Data extracts -
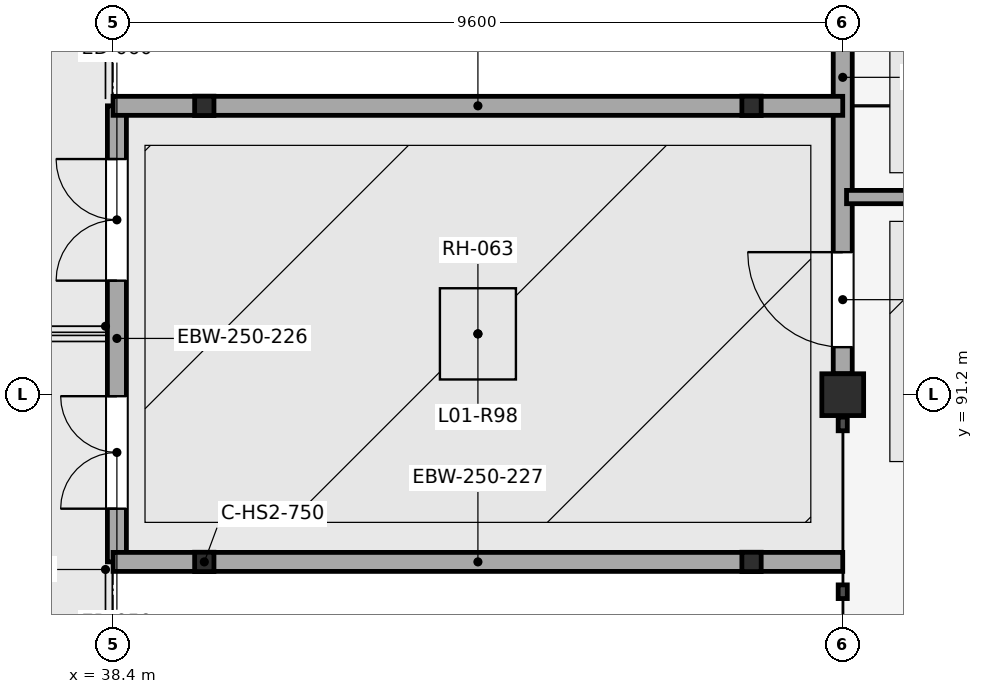
"""IFC4 building model, lengths in metres.
Left out: names, types, materials, properties, quantities, classifications, styles, units other than length and angle.
Written with IfcOpenShell. Run it as: python <this file> out.ifc"""

import sys

from ifc_helpers import new_model, si_unit, direction, frame, frame_2d, origin, origin_2d, place, context, subcontext, project, spatial, rectangle, hollow_rectangle, extrude, element, fill, save


model = new_model("IFC4")
c1 = context("Model", 3, precision=1e-05, world=origin(), true_north=direction((0.0, 1.0)))
c2 = subcontext(c1, "Body", "Model", "MODEL_VIEW")
j1 = project(units=[si_unit("LENGTHUNIT", "METRE"), si_unit("PLANEANGLEUNIT", "RADIAN")], contexts=[c1])
p1 = place(None, origin())
s1 = spatial("IfcSite", under=j1, at=p1, CompositionType="ELEMENT")
p2 = place(p1, origin())
s2 = spatial("IfcBuilding", under=s1, at=p2, CompositionType="ELEMENT")
p3 = place(p2, frame((0.0, 0.0, 4.8)))
s3 = spatial("IfcBuildingStorey", under=s2, at=p3, CompositionType="ELEMENT", Elevation=4.8)
p4 = place(p3, frame((48.0, 91.2, 0.0), z_axis=(0.0, 0.0, 1.0), x_axis=(1.0, 0.0, 0.0)))
e1 = element("IfcColumn", 1, at=p4, inside=s3, PredefinedType="COLUMN", context=c2, shape_type="SweptSolid", body=[
    extrude(rectangle(XDim=0.55, YDim=0.55, at=origin_2d()), origin(), (0.0, 0.0, 1.0), 4.8),
])
for number, where, z_axis, x_axis in (
    (2, (39.6, 89.0, 0.0), (0.0, 0.0, 1.0), (1.0, 0.0, 0.0)),
    (3, (39.6, 95.0, 0.0), (0.0, 0.0, 1.0), (1.0, 0.0, 0.0)),
    (4, (46.8, 89.0, 0.0), (0.0, 0.0, 1.0), (1.0, 0.0, 0.0)),
    (5, (46.8, 95.0, 0.0), (0.0, 0.0, 1.0), (1.0, 0.0, 0.0)),
):
    element("IfcColumn", number, at=place(p3, frame(where, z_axis=z_axis, x_axis=x_axis)), inside=s3, PredefinedType="COLUMN", context=c2, shape_type="SweptSolid", body=[
        extrude(hollow_rectangle(XDim=0.254, YDim=0.254, WallThickness=0.012, at=origin_2d()), origin(), (0.0, 0.0, 1.0), 2.58),
    ])
p5 = place(p3, frame((48.0, 91.475, 0.0), z_axis=(0.0, 0.0, 1.0), x_axis=(0.0, 1.0, 0.0)))
e6 = element("IfcWall", 6, at=p5, inside=s3, PredefinedType="STANDARD", context=c2, shape_type="SweptSolid", body=[
    extrude(rectangle(XDim=9.05, YDim=0.25, at=frame_2d((4.525, 0.0))), origin(), (0.0, 0.0, 1.0), 4.046),
])
p6 = place(p5, frame((6.2, 0.0, 1.05)))
e7 = element("IfcOpeningElement", 7, at=p6, cuts=e6, PredefinedType="OPENING", context=c2, shape_type="SweptSolid", body=[
    extrude(rectangle(XDim=1.12, YDim=1.44, at=frame_2d((0.56, 0.72))), frame((0.0, 0.135, 0.0), z_axis=(0.0, -1.0, 0.0), x_axis=(1.0, 0.0, 0.0)), (0.0, 0.0, 1.0), 0.27),
])
p7 = place(p5, frame((0.35, 0.0, 0.0)))
e8 = element("IfcOpeningElement", 8, at=p7, cuts=e6, PredefinedType="OPENING", context=c2, shape_type="SweptSolid", body=[
    extrude(rectangle(XDim=1.25, YDim=2.15, at=frame_2d((0.625, 1.075))), frame((0.0, 0.135, 0.0), z_axis=(0.0, -1.0, 0.0), x_axis=(1.0, 0.0, 0.0)), (0.0, 0.0, 1.0), 0.27),
])
p8 = place(p3, frame((38.45, 89.0, 0.0), z_axis=(0.0, 0.0, 1.0), x_axis=(0.0, 1.0, 0.0)))
e9 = element("IfcWall", 9, at=p8, inside=s3, PredefinedType="STANDARD", context=c2, shape_type="SweptSolid", body=[
    extrude(rectangle(XDim=6.0, YDim=0.25, at=frame_2d((3.0, 0.0))), origin(), (0.0, 0.0, 1.0), 2.32),
])
p9 = place(p8, frame((0.7, 0.0, 0.0)))
e10 = element("IfcOpeningElement", 10, at=p9, cuts=e9, PredefinedType="OPENING", context=c2, shape_type="SweptSolid", body=[
    extrude(rectangle(XDim=1.48, YDim=2.11, at=frame_2d((0.74, 1.055))), frame((0.0, 0.135, 0.0), z_axis=(0.0, -1.0, 0.0), x_axis=(1.0, 0.0, 0.0)), (0.0, 0.0, 1.0), 0.27),
])
p10 = place(p8, frame((3.7, 0.0, 0.0)))
e11 = element("IfcOpeningElement", 11, at=p10, cuts=e9, PredefinedType="OPENING", context=c2, shape_type="SweptSolid", body=[
    extrude(rectangle(XDim=1.6, YDim=2.2, at=frame_2d((0.8, 1.1))), frame((0.0, 0.135, 0.0), z_axis=(0.0, -1.0, 0.0), x_axis=(1.0, 0.0, 0.0)), (0.0, 0.0, 1.0), 0.27),
])
for number, where, z_axis, x_axis in (
    (12, (38.4, 89.0, 0.0), (0.0, 0.0, 1.0), (1.0, 0.0, 0.0)),
    (13, (38.4, 95.0, 0.0), (0.0, 0.0, 1.0), (1.0, 0.0, 0.0)),
):
    element("IfcWall", number, at=place(p3, frame(where, z_axis=z_axis, x_axis=x_axis)), inside=s3, PredefinedType="STANDARD", context=c2, shape_type="SweptSolid", body=[
        extrude(rectangle(XDim=9.6, YDim=0.25, at=frame_2d((4.8, 0.0))), origin(), (0.0, 0.0, 1.0), 2.106),
    ])
p11 = place(p3, frame((48.05, 93.8, 0.0), z_axis=(0.0, 0.0, 1.0), x_axis=(1.0, 0.0, 0.0)))
e14 = element("IfcWall", 14, at=p11, inside=s3, PredefinedType="PARTITIONING", context=c2, shape_type="SweptSolid", body=[
    extrude(rectangle(XDim=19.05, YDim=0.175, at=frame_2d((9.525, 0.0))), origin(), (0.0, 0.0, 1.0), 4.42),
])
p12 = place(p11, frame((8.725, 0.0, 0.0)))
e15 = element("IfcOpeningElement", 15, at=p12, cuts=e14, PredefinedType="OPENING", context=c2, shape_type="SweptSolid", body=[
    extrude(rectangle(XDim=1.6, YDim=2.15, at=frame_2d((0.8, 1.075))), frame((0.0, 0.097, 0.0), z_axis=(0.0, -1.0, 0.0), x_axis=(1.0, 0.0, 0.0)), (0.0, 0.0, 1.0), 0.195),
])
p13 = place(p9, origin())
e16 = element("IfcDoor", 16, at=p13, inside=s3, OperationType="DOUBLE_DOOR_SINGLE_SWING", PredefinedType="DOOR", context=c2, shape_type="SweptSolid", body=[
    extrude(rectangle(XDim=1.48, YDim=2.11, at=frame_2d((0.74, 1.055))), frame((0.0, 0.025, 0.0), z_axis=(0.0, -1.0, 0.0), x_axis=(1.0, 0.0, 0.0)), (0.0, 0.0, 1.0), 0.05),
])
fill(e10, e16)
p14 = place(p10, origin())
e17 = element("IfcDoor", 17, at=p14, inside=s3, OperationType="DOUBLE_DOOR_SINGLE_SWING", PredefinedType="DOOR", context=c2, shape_type="SweptSolid", body=[
    extrude(rectangle(XDim=1.6, YDim=2.2, at=frame_2d((0.8, 1.1))), frame((0.0, 0.025, 0.0), z_axis=(0.0, -1.0, 0.0), x_axis=(1.0, 0.0, 0.0)), (0.0, 0.0, 1.0), 0.05),
])
fill(e11, e17)
p15 = place(p3, frame((0.0, 0.0, 2.58)))
p16 = place(p15, frame((43.2, 92.0, 0.17)))
e18 = element("IfcDoor", 18, at=p16, inside=s3, OperationType="SINGLE_SWING_LEFT", PredefinedType="TRAPDOOR", context=c2, shape_type="SweptSolid", body=[
    extrude(rectangle(XDim=1.0, YDim=1.2, at=origin_2d()), origin(), (0.0, 0.0, 1.0), 0.05),
])
p17 = place(p7, origin())
e19 = element("IfcDoor", 19, at=p17, inside=s3, OperationType="SINGLE_SWING_RIGHT", PredefinedType="DOOR", context=c2, shape_type="SweptSolid", body=[
    extrude(rectangle(XDim=1.25, YDim=2.15, at=frame_2d((0.625, 1.075))), frame((0.0, 0.025, 0.0), z_axis=(0.0, -1.0, 0.0), x_axis=(1.0, 0.0, 0.0)), (0.0, 0.0, 1.0), 0.05),
])
fill(e8, e19)
save(model, sys.argv[1])

Action item -
Your response must consist of the lines from the beginning of the data through the line containing "91.2, 0.0), z_axis=(0.0, 0.0, 1.0), x_axis=(1.0, 0.0, 0.0)))", transcribed exactly, with no pictures.

Result of this exercise -
"""IFC4 building model, lengths in metres.
Left out: names, types, materials, properties, quantities, classifications, styles, units other than length and angle.
Written with IfcOpenShell. Run it as: python <this file> out.ifc"""

import sys

from ifc_helpers import new_model, si_unit, direction, frame, frame_2d, origin, origin_2d, place, context, subcontext, project, spatial, rectangle, hollow_rectangle, extrude, element, fill, save


model = new_model("IFC4")
c1 = context("Model", 3, precision=1e-05, world=origin(), true_north=direction((0.0, 1.0)))
c2 = subcontext(c1, "Body", "Model", "MODEL_VIEW")
j1 = project(units=[si_unit("LENGTHUNIT", "METRE"), si_unit("PLANEANGLEUNIT", "RADIAN")], contexts=[c1])
p1 = place(None, origin())
s1 = spatial("IfcSite", under=j1, at=p1, CompositionType="ELEMENT")
p2 = place(p1, origin())
s2 = spatial("IfcBuilding", under=s1, at=p2, CompositionType="ELEMENT")
p3 = place(p2, frame((0.0, 0.0, 4.8)))
s3 = spatial("IfcBuildingStorey", under=s2, at=p3, CompositionType="ELEMENT", Elevation=4.8)
p4 = place(p3, frame((48.0, 91.2, 0.0), z_axis=(0.0, 0.0, 1.0), x_axis=(1.0, 0.0, 0.0)))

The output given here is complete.